_INSTRUCTIONS TO FOLLOW_
Return the lines below that contain "subcontext".
################
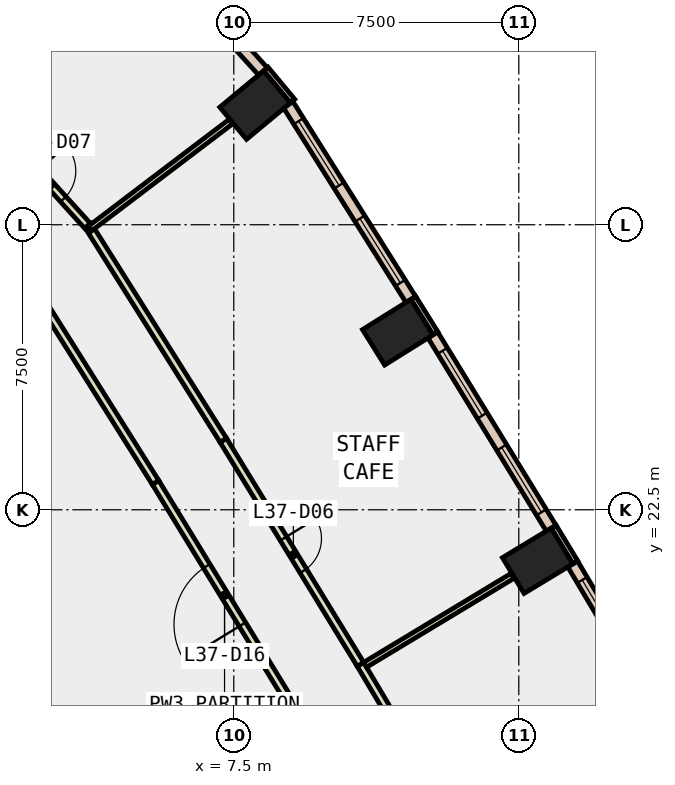
"""IFC4 building model, lengths in metres.
Left out: names, types, materials, properties, quantities, classifications, styles, units other than length and angle.
Written with IfcOpenShell. Run it as: python <this file> out.ifc"""

import sys

from ifc_helpers import new_model, si_unit, direction, frame, frame_2d, origin, origin_2d, place, context, subcontext, project, spatial, rectangle, extrude, element, fill, save


model = new_model("IFC4")
c1 = context("Model", 3, precision=1e-05, world=origin(), true_north=direction((0.0, 1.0)))
c2 = subcontext(c1, "Body", "Model", "MODEL_VIEW")
j1 = project(units=[si_unit("LENGTHUNIT", "METRE"), si_unit("PLANEANGLEUNIT", "RADIAN")], contexts=[c1])
p1 = place(None, origin())
s1 = spatial("IfcSite", under=j1, at=p1, CompositionType="ELEMENT")
p2 = place(p1, origin())
s2 = spatial("IfcBuilding", under=s1, at=p2, CompositionType="ELEMENT")
p3 = place(p2, frame((0.0, 0.0, 167.6)))
s3 = spatial("IfcBuildingStorey", under=s2, at=p3, CompositionType="ELEMENT", Elevation=167.6)
for number, where, z_axis, x_axis in (
    (1, (15.496, 21.158, -0.4), (0.0, 0.0, 1.0), (-0.518, 0.855, 0.0)),
    (2, (11.815, 27.172, -0.4), (0.0, 0.0, 1.0), (-0.53, 0.848, 0.0)),
    (3, (8.061, 33.149, -0.4), (0.0, 0.0, 1.0), (-0.639, 0.769, 0.0)),
):
    element("IfcColumn", number, at=place(p3, frame(where, z_axis=z_axis, x_axis=x_axis)), inside=s3, PredefinedType="COLUMN", context=c2, shape_type="SweptSolid", body=[
        extrude(rectangle(XDim=1.1, YDim=1.5, at=origin_2d()), origin(), (0.0, 0.0, 1.0), 4.2),
    ])
for number, where, z_axis, x_axis in (
    (4, (16.487, 21.115, 0.0), (0.0, 0.0, 1.0), (-0.518, 0.855, 0.0)),
    (5, (12.806, 27.143, 0.0), (0.0, 0.0, 1.0), (-0.53, 0.848, 0.0)),
    (6, (9.047, 33.253, 0.0), (0.0, 0.0, 1.0), (-0.639, 0.769, 0.0)),
):
    element("IfcWall", number, at=place(p3, frame(where, z_axis=z_axis, x_axis=x_axis)), inside=s3, PredefinedType="STANDARD", context=c2, shape_type="SweptSolid", body=[
        extrude(rectangle(XDim=1.1, YDim=0.15, at=frame_2d((0.55, 0.0))), origin(), (0.0, 0.0, 1.0), 3.8),
    ])
p4 = place(p3, frame((19.465, 15.949, 0.0), z_axis=(0.0, 0.0, 1.0), x_axis=(-0.511053317394, 0.8595490136, 0.0)))
e7 = element("IfcWall", 7, at=p4, inside=s3, PredefinedType="STANDARD", context=c2, shape_type="SweptSolid", body=[
    extrude(rectangle(XDim=5.962, YDim=0.3, at=frame_2d((2.981, 0.0))), origin(), (0.0, 0.0, 1.0), 3.8),
])
p5 = place(p4, frame((0.491, 0.0, 0.9)))
e8 = element("IfcOpeningElement", 8, at=p5, cuts=e7, PredefinedType="OPENING", context=c2, shape_type="SweptSolid", body=[
    extrude(rectangle(XDim=2.0, YDim=2.6, at=frame_2d((1.0, 1.3))), frame((0.0, 0.16, 0.0), z_axis=(0.0, -1.0, 0.0), x_axis=(1.0, 0.0, 0.0)), (0.0, 0.0, 1.0), 0.32),
])
p6 = place(p4, frame((3.472, 0.0, 0.9)))
e9 = element("IfcOpeningElement", 9, at=p6, cuts=e7, PredefinedType="OPENING", context=c2, shape_type="SweptSolid", body=[
    extrude(rectangle(XDim=2.0, YDim=2.6, at=frame_2d((1.0, 1.3))), frame((0.0, 0.16, 0.0), z_axis=(0.0, -1.0, 0.0), x_axis=(1.0, 0.0, 0.0)), (0.0, 0.0, 1.0), 0.32),
])
p7 = place(p3, frame((15.851, 22.015, 0.0), z_axis=(0.0, 0.0, 1.0), x_axis=(-0.522156898008, 0.852849443842, 0.0)))
e10 = element("IfcWall", 10, at=p7, inside=s3, PredefinedType="STANDARD", context=c2, shape_type="SweptSolid", body=[
    extrude(rectangle(XDim=5.964, YDim=0.3, at=frame_2d((2.982, 0.0))), origin(), (0.0, 0.0, 1.0), 3.8),
])
p8 = place(p7, frame((0.491, 0.0, 0.9)))
e11 = element("IfcOpeningElement", 11, at=p8, cuts=e10, PredefinedType="OPENING", context=c2, shape_type="SweptSolid", body=[
    extrude(rectangle(XDim=2.0, YDim=2.6, at=frame_2d((1.0, 1.3))), frame((0.0, 0.16, 0.0), z_axis=(0.0, -1.0, 0.0), x_axis=(1.0, 0.0, 0.0)), (0.0, 0.0, 1.0), 0.32),
])
p9 = place(p7, frame((3.473, 0.0, 0.9)))
e12 = element("IfcOpeningElement", 12, at=p9, cuts=e10, PredefinedType="OPENING", context=c2, shape_type="SweptSolid", body=[
    extrude(rectangle(XDim=2.0, YDim=2.6, at=frame_2d((1.0, 1.3))), frame((0.0, 0.16, 0.0), z_axis=(0.0, -1.0, 0.0), x_axis=(1.0, 0.0, 0.0)), (0.0, 0.0, 1.0), 0.32),
])
p10 = place(p3, frame((12.158, 28.034, 0.0), z_axis=(0.0, 0.0, 1.0), x_axis=(-0.532721310512, 0.846290733334, 0.0)))
e13 = element("IfcWall", 13, at=p10, inside=s3, PredefinedType="STANDARD", context=c2, shape_type="SweptSolid", body=[
    extrude(rectangle(XDim=6.056, YDim=0.3, at=frame_2d((3.028, 0.0))), origin(), (0.0, 0.0, 1.0), 3.8),
])
p11 = place(p10, frame((0.514, 0.0, 0.9)))
e14 = element("IfcOpeningElement", 14, at=p11, cuts=e13, PredefinedType="OPENING", context=c2, shape_type="SweptSolid", body=[
    extrude(rectangle(XDim=2.0, YDim=2.6, at=frame_2d((1.0, 1.3))), frame((0.0, 0.16, 0.0), z_axis=(0.0, -1.0, 0.0), x_axis=(1.0, 0.0, 0.0)), (0.0, 0.0, 1.0), 0.32),
])
p12 = place(p10, frame((3.542, 0.0, 0.9)))
e15 = element("IfcOpeningElement", 15, at=p12, cuts=e13, PredefinedType="OPENING", context=c2, shape_type="SweptSolid", body=[
    extrude(rectangle(XDim=2.0, YDim=2.6, at=frame_2d((1.0, 1.3))), frame((0.0, 0.16, 0.0), z_axis=(0.0, -1.0, 0.0), x_axis=(1.0, 0.0, 0.0)), (0.0, 0.0, 1.0), 0.32),
])
p13 = place(p3, frame((8.268, 34.035, 0.0), z_axis=(0.0, 0.0, 1.0), x_axis=(-0.672034341329, 0.740519982225, 0.0)))
e16 = element("IfcWall", 16, at=p13, inside=s3, PredefinedType="STANDARD", context=c2, shape_type="SweptSolid", body=[
    extrude(rectangle(XDim=4.018, YDim=0.3, at=frame_2d((2.009, 0.0))), origin(), (0.0, 0.0, 1.0), 3.8),
])
p14 = place(p13, frame((1.309, 0.0, 0.9)))
e17 = element("IfcOpeningElement", 17, at=p14, cuts=e16, PredefinedType="OPENING", context=c2, shape_type="SweptSolid", body=[
    extrude(rectangle(XDim=1.4, YDim=2.6, at=frame_2d((0.7, 1.3))), frame((0.0, 0.16, 0.0), z_axis=(0.0, -1.0, 0.0), x_axis=(1.0, 0.0, 0.0)), (0.0, 0.0, 1.0), 0.32),
])
p15 = place(p3, frame((9.073, 17.285, 0.0), z_axis=(0.0, 0.0, 1.0), x_axis=(-0.522108536257, 0.85287905143, 0.0)))
e18 = element("IfcWall", 18, at=p15, inside=s3, PredefinedType="PARTITIONING", context=c2, shape_type="SweptSolid", body=[
    extrude(rectangle(XDim=6.957, YDim=0.2, at=frame_2d((3.478, 0.0))), origin(), (0.0, 0.0, 1.0), 3.8),
])
p16 = place(p15, frame((2.578, 0.0, 0.0)))
e19 = element("IfcOpeningElement", 19, at=p16, cuts=e18, PredefinedType="OPENING", context=c2, shape_type="SweptSolid", body=[
    extrude(rectangle(XDim=1.8, YDim=2.1, at=frame_2d((0.9, 1.05))), frame((0.0, 0.11, 0.0), z_axis=(0.0, -1.0, 0.0), x_axis=(1.0, 0.0, 0.0)), (0.0, 0.0, 1.0), 0.22),
])
p17 = place(p3, frame((5.441, 23.218, 0.0), z_axis=(0.0, 0.0, 1.0), x_axis=(-0.532786324951, 0.846249804694, 0.0)))
e20 = element("IfcWall", 20, at=p17, inside=s3, PredefinedType="PARTITIONING", context=c2, shape_type="SweptSolid", body=[
    extrude(rectangle(XDim=6.489, YDim=0.2, at=frame_2d((3.244, 0.0))), origin(), (0.0, 0.0, 1.0), 3.8),
])
p18 = place(p3, frame((10.833, 18.434, 0.0), z_axis=(0.0, 0.0, 1.0), x_axis=(0.510975915649, -0.859595028852, 0.0)))
e21 = element("IfcWall", 21, at=p18, inside=s3, PredefinedType="PARTITIONING", context=c2, shape_type="SweptSolid", body=[
    extrude(rectangle(XDim=7.057, YDim=0.2, at=frame_2d((3.528, 0.0))), origin(), (0.0, 0.0, 1.0), 3.8),
])
p19 = place(p18, frame((3.028, 0.0, 0.0)))
e22 = element("IfcOpeningElement", 22, at=p19, cuts=e21, PredefinedType="OPENING", context=c2, shape_type="SweptSolid", body=[
    extrude(rectangle(XDim=1.0, YDim=2.1, at=frame_2d((0.5, 1.05))), frame((0.0, 0.11, 0.0), z_axis=(0.0, -1.0, 0.0), x_axis=(1.0, 0.0, 0.0)), (0.0, 0.0, 1.0), 0.22),
])
p20 = place(p3, frame((3.663, 29.984, 0.0), z_axis=(0.0, 0.0, 1.0), x_axis=(0.532874279134, -0.846194423662, 0.0)))
e23 = element("IfcWall", 23, at=p20, inside=s3, PredefinedType="PARTITIONING", context=c2, shape_type="SweptSolid", body=[
    extrude(rectangle(XDim=6.686, YDim=0.2, at=frame_2d((3.343, 0.0))), origin(), (0.0, 0.0, 1.0), 3.8),
])
p21 = place(p3, frame((7.226, 24.326, 0.0), z_axis=(0.0, 0.0, 1.0), x_axis=(0.52212028524, -0.852871858922, 0.0)))
e24 = element("IfcWall", 24, at=p21, inside=s3, PredefinedType="PARTITIONING", context=c2, shape_type="SweptSolid", body=[
    extrude(rectangle(XDim=6.908, YDim=0.2, at=frame_2d((3.454, 0.0))), origin(), (0.0, 0.0, 1.0), 3.8),
])
p22 = place(p21, frame((3.029, 0.0, 0.0)))
e25 = element("IfcOpeningElement", 25, at=p22, cuts=e24, PredefinedType="OPENING", context=c2, shape_type="SweptSolid", body=[
    extrude(rectangle(XDim=1.0, YDim=2.1, at=frame_2d((0.5, 1.05))), frame((0.0, 0.11, 0.0), z_axis=(0.0, -1.0, 0.0), x_axis=(1.0, 0.0, 0.0)), (0.0, 0.0, 1.0), 0.22),
])
p23 = place(p3, frame((1.708, 32.112, 0.0), z_axis=(0.0, 0.0, 1.0), x_axis=(0.671957285765, -0.740589904135, 0.0)))
e26 = element("IfcWall", 26, at=p23, inside=s3, PredefinedType="PARTITIONING", context=c2, shape_type="SweptSolid", body=[
    extrude(rectangle(XDim=2.888, YDim=0.2, at=frame_2d((1.444, 0.0))), origin(), (0.0, 0.0, 1.0), 3.8),
])
p24 = place(p23, frame((0.944, 0.0, 0.0)))
e27 = element("IfcOpeningElement", 27, at=p24, cuts=e26, PredefinedType="OPENING", context=c2, shape_type="SweptSolid", body=[
    extrude(rectangle(XDim=1.0, YDim=2.1, at=frame_2d((0.5, 1.05))), frame((0.0, 0.11, 0.0), z_axis=(0.0, -1.0, 0.0), x_axis=(1.0, 0.0, 0.0)), (0.0, 0.0, 1.0), 0.22),
])
p25 = place(p3, frame((10.957, 18.421, 0.0), z_axis=(0.0, 0.0, 1.0), x_axis=(0.85624931053, 0.516562792134, 0.0)))
e28 = element("IfcWall", 28, at=p25, inside=s3, PredefinedType="PARTITIONING", context=c2, shape_type="SweptSolid", body=[
    extrude(rectangle(XDim=4.53, YDim=0.15, at=frame_2d((2.265, 0.0))), origin(), (0.0, 0.0, 1.0), 3.8),
])
p26 = place(p3, frame((3.716, 29.899, 0.0), z_axis=(0.0, 0.0, 1.0), x_axis=(0.796435085709, 0.604724031481, 0.0)))
e29 = element("IfcWall", 29, at=p26, inside=s3, PredefinedType="PARTITIONING", context=c2, shape_type="SweptSolid", body=[
    extrude(rectangle(XDim=4.653, YDim=0.15, at=frame_2d((2.327, 0.0))), origin(), (0.0, 0.0, 1.0), 3.8),
])
p27 = place(p6, origin())
e30 = element("IfcWindow", 30, at=p27, inside=s3, PartitioningType="SINGLE_PANEL", PredefinedType="WINDOW", context=c2, shape_type="SweptSolid", body=[
    extrude(rectangle(XDim=2.0, YDim=2.6, at=frame_2d((1.0, 1.3))), frame((0.0, 0.03, 0.0), z_axis=(0.0, -1.0, 0.0), x_axis=(1.0, 0.0, 0.0)), (0.0, 0.0, 1.0), 0.06),
])
fill(e9, e30)
p28 = place(p8, origin())
e31 = element("IfcWindow", 31, at=p28, inside=s3, PartitioningType="SINGLE_PANEL", PredefinedType="WINDOW", context=c2, shape_type="SweptSolid", body=[
    extrude(rectangle(XDim=2.0, YDim=2.6, at=frame_2d((1.0, 1.3))), frame((0.0, 0.03, 0.0), z_axis=(0.0, -1.0, 0.0), x_axis=(1.0, 0.0, 0.0)), (0.0, 0.0, 1.0), 0.06),
])
fill(e11, e31)
p29 = place(p9, origin())
e32 = element("IfcWindow", 32, at=p29, inside=s3, PartitioningType="SINGLE_PANEL", PredefinedType="WINDOW", context=c2, shape_type="SweptSolid", body=[
    extrude(rectangle(XDim=2.0, YDim=2.6, at=frame_2d((1.0, 1.3))), frame((0.0, 0.03, 0.0), z_axis=(0.0, -1.0, 0.0), x_axis=(1.0, 0.0, 0.0)), (0.0, 0.0, 1.0), 0.06),
])
fill(e12, e32)
p30 = place(p11, origin())
e33 = element("IfcWindow", 33, at=p30, inside=s3, PartitioningType="SINGLE_PANEL", PredefinedType="WINDOW", context=c2, shape_type="SweptSolid", body=[
    extrude(rectangle(XDim=2.0, YDim=2.6, at=frame_2d((1.0, 1.3))), frame((0.0, 0.03, 0.0), z_axis=(0.0, -1.0, 0.0), x_axis=(1.0, 0.0, 0.0)), (0.0, 0.0, 1.0), 0.06),
])
fill(e14, e33)
p31 = place(p12, origin())
e34 = element("IfcWindow", 34, at=p31, inside=s3, PartitioningType="SINGLE_PANEL", PredefinedType="WINDOW", context=c2, shape_type="SweptSolid", body=[
    extrude(rectangle(XDim=2.0, YDim=2.6, at=frame_2d((1.0, 1.3))), frame((0.0, 0.03, 0.0), z_axis=(0.0, -1.0, 0.0), x_axis=(1.0, 0.0, 0.0)), (0.0, 0.0, 1.0), 0.06),
])
fill(e15, e34)
p32 = place(p22, origin())
e35 = element("IfcDoor", 35, at=p32, inside=s3, OperationType="SINGLE_SWING_RIGHT", PredefinedType="DOOR", context=c2, shape_type="SweptSolid", body=[
    extrude(rectangle(XDim=1.0, YDim=2.1, at=frame_2d((0.5, 1.05))), frame((0.0, 0.025, 0.0), z_axis=(0.0, -1.0, 0.0), x_axis=(1.0, 0.0, 0.0)), (0.0, 0.0, 1.0), 0.05),
])
fill(e25, e35)
p33 = place(p24, origin())
e36 = element("IfcDoor", 36, at=p33, inside=s3, OperationType="SINGLE_SWING_LEFT", PredefinedType="DOOR", context=c2, shape_type="SweptSolid", body=[
    extrude(rectangle(XDim=1.0, YDim=2.1, at=frame_2d((0.5, 1.05))), frame((0.0, 0.025, 0.0), z_axis=(0.0, -1.0, 0.0), x_axis=(1.0, 0.0, 0.0)), (0.0, 0.0, 1.0), 0.05),
])
fill(e27, e36)
p34 = place(p16, origin())
e37 = element("IfcDoor", 37, at=p34, inside=s3, OperationType="DOUBLE_DOOR_SINGLE_SWING", PredefinedType="DOOR", context=c2, shape_type="SweptSolid", body=[
    extrude(rectangle(XDim=1.8, YDim=2.1, at=frame_2d((0.9, 1.05))), frame((0.0, 0.025, 0.0), z_axis=(0.0, -1.0, 0.0), x_axis=(1.0, 0.0, 0.0)), (0.0, 0.0, 1.0), 0.05),
])
fill(e19, e37)
save(model, sys.argv[1])
################
_TASK RESPONSE_
from ifc_helpers import new_model, si_unit, direction, frame, frame_2d, origin, origin_2d, place, context, subcontext, project, spatial, rectangle, extrude, element, fill, save
c2 = subcontext(c1, "Body", "Model", "MODEL_VIEW")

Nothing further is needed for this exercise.